-------- Records provided --------
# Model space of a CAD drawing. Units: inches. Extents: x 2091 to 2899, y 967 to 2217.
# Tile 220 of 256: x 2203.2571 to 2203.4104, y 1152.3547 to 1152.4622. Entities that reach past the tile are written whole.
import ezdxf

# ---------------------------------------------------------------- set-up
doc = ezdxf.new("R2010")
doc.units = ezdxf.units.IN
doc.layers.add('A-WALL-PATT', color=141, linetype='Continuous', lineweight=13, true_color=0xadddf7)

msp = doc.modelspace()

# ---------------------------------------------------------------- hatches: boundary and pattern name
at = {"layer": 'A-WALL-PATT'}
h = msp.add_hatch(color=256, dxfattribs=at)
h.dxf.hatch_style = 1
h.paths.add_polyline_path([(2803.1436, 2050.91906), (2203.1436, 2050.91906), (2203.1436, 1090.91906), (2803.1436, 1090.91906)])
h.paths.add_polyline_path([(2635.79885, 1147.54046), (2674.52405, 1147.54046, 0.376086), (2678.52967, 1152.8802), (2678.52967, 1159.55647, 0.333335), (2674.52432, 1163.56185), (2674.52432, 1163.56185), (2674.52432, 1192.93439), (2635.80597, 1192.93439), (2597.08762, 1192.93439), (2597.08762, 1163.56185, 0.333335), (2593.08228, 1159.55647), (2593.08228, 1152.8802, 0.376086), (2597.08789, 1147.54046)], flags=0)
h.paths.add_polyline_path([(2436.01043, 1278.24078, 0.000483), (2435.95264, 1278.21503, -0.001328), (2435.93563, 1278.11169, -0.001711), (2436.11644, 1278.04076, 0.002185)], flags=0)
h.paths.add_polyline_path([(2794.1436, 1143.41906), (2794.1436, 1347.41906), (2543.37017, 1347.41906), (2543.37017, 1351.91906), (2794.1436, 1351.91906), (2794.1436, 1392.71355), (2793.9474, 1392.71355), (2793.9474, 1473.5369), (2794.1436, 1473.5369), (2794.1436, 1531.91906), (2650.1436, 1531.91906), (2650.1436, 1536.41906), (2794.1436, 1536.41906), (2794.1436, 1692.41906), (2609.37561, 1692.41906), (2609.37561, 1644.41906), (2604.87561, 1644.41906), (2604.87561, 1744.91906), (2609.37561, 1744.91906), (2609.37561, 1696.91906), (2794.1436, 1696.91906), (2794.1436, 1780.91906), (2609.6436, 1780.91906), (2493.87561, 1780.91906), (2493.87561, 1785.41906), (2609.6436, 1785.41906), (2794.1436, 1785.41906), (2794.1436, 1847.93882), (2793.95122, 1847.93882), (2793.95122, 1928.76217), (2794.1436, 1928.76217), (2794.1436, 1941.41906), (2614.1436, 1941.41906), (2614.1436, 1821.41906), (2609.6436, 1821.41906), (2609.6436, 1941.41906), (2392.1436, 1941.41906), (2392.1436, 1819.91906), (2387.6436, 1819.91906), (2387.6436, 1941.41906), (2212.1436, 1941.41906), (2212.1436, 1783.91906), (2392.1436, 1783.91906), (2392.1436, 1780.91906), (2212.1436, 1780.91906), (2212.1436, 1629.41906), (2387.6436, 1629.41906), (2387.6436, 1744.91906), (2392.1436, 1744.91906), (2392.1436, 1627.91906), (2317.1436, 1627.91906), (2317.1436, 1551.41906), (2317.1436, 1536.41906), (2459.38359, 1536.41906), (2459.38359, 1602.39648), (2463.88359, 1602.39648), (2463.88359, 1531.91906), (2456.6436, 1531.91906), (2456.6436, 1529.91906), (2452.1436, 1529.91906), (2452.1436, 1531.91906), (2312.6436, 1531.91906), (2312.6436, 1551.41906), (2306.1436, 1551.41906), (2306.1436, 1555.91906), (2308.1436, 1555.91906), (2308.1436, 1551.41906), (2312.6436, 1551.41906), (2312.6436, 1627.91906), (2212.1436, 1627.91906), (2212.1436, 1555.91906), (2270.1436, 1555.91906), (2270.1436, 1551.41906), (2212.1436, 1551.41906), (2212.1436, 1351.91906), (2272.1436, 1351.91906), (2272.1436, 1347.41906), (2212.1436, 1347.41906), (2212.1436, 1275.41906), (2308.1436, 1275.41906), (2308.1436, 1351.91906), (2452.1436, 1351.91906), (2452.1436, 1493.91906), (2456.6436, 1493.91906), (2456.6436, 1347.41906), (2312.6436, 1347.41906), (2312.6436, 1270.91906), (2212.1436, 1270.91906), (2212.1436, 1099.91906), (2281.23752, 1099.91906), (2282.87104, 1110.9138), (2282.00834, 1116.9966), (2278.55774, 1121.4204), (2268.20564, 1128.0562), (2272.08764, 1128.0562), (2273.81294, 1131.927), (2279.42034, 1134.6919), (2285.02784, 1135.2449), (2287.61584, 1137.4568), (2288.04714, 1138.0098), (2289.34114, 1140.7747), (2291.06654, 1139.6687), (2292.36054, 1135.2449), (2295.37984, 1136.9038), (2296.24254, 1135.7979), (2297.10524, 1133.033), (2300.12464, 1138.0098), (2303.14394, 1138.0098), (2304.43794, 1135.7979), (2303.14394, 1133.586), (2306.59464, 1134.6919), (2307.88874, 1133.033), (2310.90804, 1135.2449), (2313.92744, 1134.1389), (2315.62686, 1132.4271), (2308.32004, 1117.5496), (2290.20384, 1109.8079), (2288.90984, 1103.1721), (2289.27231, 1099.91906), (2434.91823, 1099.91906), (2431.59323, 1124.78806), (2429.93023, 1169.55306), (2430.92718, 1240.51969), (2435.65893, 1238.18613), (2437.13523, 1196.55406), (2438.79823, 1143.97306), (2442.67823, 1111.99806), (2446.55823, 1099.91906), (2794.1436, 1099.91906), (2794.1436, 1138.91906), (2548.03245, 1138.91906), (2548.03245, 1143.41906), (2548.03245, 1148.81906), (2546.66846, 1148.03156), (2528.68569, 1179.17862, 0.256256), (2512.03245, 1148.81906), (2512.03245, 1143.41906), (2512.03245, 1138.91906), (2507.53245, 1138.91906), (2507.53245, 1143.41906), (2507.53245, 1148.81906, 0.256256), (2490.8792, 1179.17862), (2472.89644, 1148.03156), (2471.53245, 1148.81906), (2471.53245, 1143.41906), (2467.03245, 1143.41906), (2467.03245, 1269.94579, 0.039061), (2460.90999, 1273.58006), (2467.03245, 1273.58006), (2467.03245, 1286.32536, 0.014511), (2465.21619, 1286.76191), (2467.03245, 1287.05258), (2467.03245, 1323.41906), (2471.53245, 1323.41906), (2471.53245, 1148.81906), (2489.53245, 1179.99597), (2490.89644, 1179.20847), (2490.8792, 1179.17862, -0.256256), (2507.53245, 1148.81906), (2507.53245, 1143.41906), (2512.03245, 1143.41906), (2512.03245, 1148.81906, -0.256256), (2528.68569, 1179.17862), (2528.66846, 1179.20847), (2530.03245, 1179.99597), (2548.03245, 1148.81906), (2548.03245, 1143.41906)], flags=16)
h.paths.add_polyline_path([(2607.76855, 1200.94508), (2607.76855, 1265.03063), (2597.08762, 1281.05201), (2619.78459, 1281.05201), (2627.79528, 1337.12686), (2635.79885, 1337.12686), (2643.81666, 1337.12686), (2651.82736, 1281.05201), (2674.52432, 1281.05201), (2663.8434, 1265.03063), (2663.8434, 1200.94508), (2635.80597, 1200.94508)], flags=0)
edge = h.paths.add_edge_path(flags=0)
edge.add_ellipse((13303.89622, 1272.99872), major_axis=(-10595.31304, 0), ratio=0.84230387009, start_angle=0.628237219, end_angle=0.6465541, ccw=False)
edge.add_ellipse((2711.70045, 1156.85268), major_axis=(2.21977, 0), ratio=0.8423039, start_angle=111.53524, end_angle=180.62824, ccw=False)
--------
Task goal
Every entry is to be restated word for word, with nothing dropped.

Answer area
# Model space of a CAD drawing. Units: inches. Extents: x 2091 to 2899, y 967 to 2217.
# Tile 220 of 256: x 2203.2571 to 2203.4104, y 1152.3547 to 1152.4622. Entities that reach past the tile are written whole.
import ezdxf

# ---------------------------------------------------------------- set-up
doc = ezdxf.new("R2010")
doc.units = ezdxf.units.IN
doc.layers.add('A-WALL-PATT', color=141, linetype='Continuous', lineweight=13, true_color=0xadddf7)

msp = doc.modelspace()

# ---------------------------------------------------------------- hatches: boundary and pattern name
at = {"layer": 'A-WALL-PATT'}
h = msp.add_hatch(color=256, dxfattribs=at)
h.dxf.hatch_style = 1
h.paths.add_polyline_path([(2803.1436, 2050.91906), (2203.1436, 2050.91906), (2203.1436, 1090.91906), (2803.1436, 1090.91906)])
h.paths.add_polyline_path([(2635.79885, 1147.54046), (2674.52405, 1147.54046, 0.376086), (2678.52967, 1152.8802), (2678.52967, 1159.55647, 0.333335), (2674.52432, 1163.56185), (2674.52432, 1163.56185), (2674.52432, 1192.93439), (2635.80597, 1192.93439), (2597.08762, 1192.93439), (2597.08762, 1163.56185, 0.333335), (2593.08228, 1159.55647), (2593.08228, 1152.8802, 0.376086), (2597.08789, 1147.54046)], flags=0)
h.paths.add_polyline_path([(2436.01043, 1278.24078, 0.000483), (2435.95264, 1278.21503, -0.001328), (2435.93563, 1278.11169, -0.001711), (2436.11644, 1278.04076, 0.002185)], flags=0)
h.paths.add_polyline_path([(2794.1436, 1143.41906), (2794.1436, 1347.41906), (2543.37017, 1347.41906), (2543.37017, 1351.91906), (2794.1436, 1351.91906), (2794.1436, 1392.71355), (2793.9474, 1392.71355), (2793.9474, 1473.5369), (2794.1436, 1473.5369), (2794.1436, 1531.91906), (2650.1436, 1531.91906), (2650.1436, 1536.41906), (2794.1436, 1536.41906), (2794.1436, 1692.41906), (2609.37561, 1692.41906), (2609.37561, 1644.41906), (2604.87561, 1644.41906), (2604.87561, 1744.91906), (2609.37561, 1744.91906), (2609.37561, 1696.91906), (2794.1436, 1696.91906), (2794.1436, 1780.91906), (2609.6436, 1780.91906), (2493.87561, 1780.91906), (2493.87561, 1785.41906), (2609.6436, 1785.41906), (2794.1436, 1785.41906), (2794.1436, 1847.93882), (2793.95122, 1847.93882), (2793.95122, 1928.76217), (2794.1436, 1928.76217), (2794.1436, 1941.41906), (2614.1436, 1941.41906), (2614.1436, 1821.41906), (2609.6436, 1821.41906), (2609.6436, 1941.41906), (2392.1436, 1941.41906), (2392.1436, 1819.91906), (2387.6436, 1819.91906), (2387.6436, 1941.41906), (2212.1436, 1941.41906), (2212.1436, 1783.91906), (2392.1436, 1783.91906), (2392.1436, 1780.91906), (2212.1436, 1780.91906), (2212.1436, 1629.41906), (2387.6436, 1629.41906), (2387.6436, 1744.91906), (2392.1436, 1744.91906), (2392.1436, 1627.91906), (2317.1436, 1627.91906), (2317.1436, 1551.41906), (2317.1436, 1536.41906), (2459.38359, 1536.41906), (2459.38359, 1602.39648), (2463.88359, 1602.39648), (2463.88359, 1531.91906), (2456.6436, 1531.91906), (2456.6436, 1529.91906), (2452.1436, 1529.91906), (2452.1436, 1531.91906), (2312.6436, 1531.91906), (2312.6436, 1551.41906), (2306.1436, 1551.41906), (2306.1436, 1555.91906), (2308.1436, 1555.91906), (2308.1436, 1551.41906), (2312.6436, 1551.41906), (2312.6436, 1627.91906), (2212.1436, 1627.91906), (2212.1436, 1555.91906), (2270.1436, 1555.91906), (2270.1436, 1551.41906), (2212.1436, 1551.41906), (2212.1436, 1351.91906), (2272.1436, 1351.91906), (2272.1436, 1347.41906), (2212.1436, 1347.41906), (2212.1436, 1275.41906), (2308.1436, 1275.41906), (2308.1436, 1351.91906), (2452.1436, 1351.91906), (2452.1436, 1493.91906), (2456.6436, 1493.91906), (2456.6436, 1347.41906), (2312.6436, 1347.41906), (2312.6436, 1270.91906), (2212.1436, 1270.91906), (2212.1436, 1099.91906), (2281.23752, 1099.91906), (2282.87104, 1110.9138), (2282.00834, 1116.9966), (2278.55774, 1121.4204), (2268.20564, 1128.0562), (2272.08764, 1128.0562), (2273.81294, 1131.927), (2279.42034, 1134.6919), (2285.02784, 1135.2449), (2287.61584, 1137.4568), (2288.04714, 1138.0098), (2289.34114, 1140.7747), (2291.06654, 1139.6687), (2292.36054, 1135.2449), (2295.37984, 1136.9038), (2296.24254, 1135.7979), (2297.10524, 1133.033), (2300.12464, 1138.0098), (2303.14394, 1138.0098), (2304.43794, 1135.7979), (2303.14394, 1133.586), (2306.59464, 1134.6919), (2307.88874, 1133.033), (2310.90804, 1135.2449), (2313.92744, 1134.1389), (2315.62686, 1132.4271), (2308.32004, 1117.5496), (2290.20384, 1109.8079), (2288.90984, 1103.1721), (2289.27231, 1099.91906), (2434.91823, 1099.91906), (2431.59323, 1124.78806), (2429.93023, 1169.55306), (2430.92718, 1240.51969), (2435.65893, 1238.18613), (2437.13523, 1196.55406), (2438.79823, 1143.97306), (2442.67823, 1111.99806), (2446.55823, 1099.91906), (2794.1436, 1099.91906), (2794.1436, 1138.91906), (2548.03245, 1138.91906), (2548.03245, 1143.41906), (2548.03245, 1148.81906), (2546.66846, 1148.03156), (2528.68569, 1179.17862, 0.256256), (2512.03245, 1148.81906), (2512.03245, 1143.41906), (2512.03245, 1138.91906), (2507.53245, 1138.91906), (2507.53245, 1143.41906), (2507.53245, 1148.81906, 0.256256), (2490.8792, 1179.17862), (2472.89644, 1148.03156), (2471.53245, 1148.81906), (2471.53245, 1143.41906), (2467.03245, 1143.41906), (2467.03245, 1269.94579, 0.039061), (2460.90999, 1273.58006), (2467.03245, 1273.58006), (2467.03245, 1286.32536, 0.014511), (2465.21619, 1286.76191), (2467.03245, 1287.05258), (2467.03245, 1323.41906), (2471.53245, 1323.41906), (2471.53245, 1148.81906), (2489.53245, 1179.99597), (2490.89644, 1179.20847), (2490.8792, 1179.17862, -0.256256), (2507.53245, 1148.81906), (2507.53245, 1143.41906), (2512.03245, 1143.41906), (2512.03245, 1148.81906, -0.256256), (2528.68569, 1179.17862), (2528.66846, 1179.20847), (2530.03245, 1179.99597), (2548.03245, 1148.81906), (2548.03245, 1143.41906)], flags=16)
h.paths.add_polyline_path([(2607.76855, 1200.94508), (2607.76855, 1265.03063), (2597.08762, 1281.05201), (2619.78459, 1281.05201), (2627.79528, 1337.12686), (2635.79885, 1337.12686), (2643.81666, 1337.12686), (2651.82736, 1281.05201), (2674.52432, 1281.05201), (2663.8434, 1265.03063), (2663.8434, 1200.94508), (2635.80597, 1200.94508)], flags=0)
edge = h.paths.add_edge_path(flags=0)
edge.add_ellipse((13303.89622, 1272.99872), major_axis=(-10595.31304, 0), ratio=0.84230387009, start_angle=0.628237219, end_angle=0.6465541, ccw=False)
edge.add_ellipse((2711.70045, 1156.85268), major_axis=(2.21977, 0), ratio=0.8423039, start_angle=111.53524, end_angle=180.62824, ccw=False)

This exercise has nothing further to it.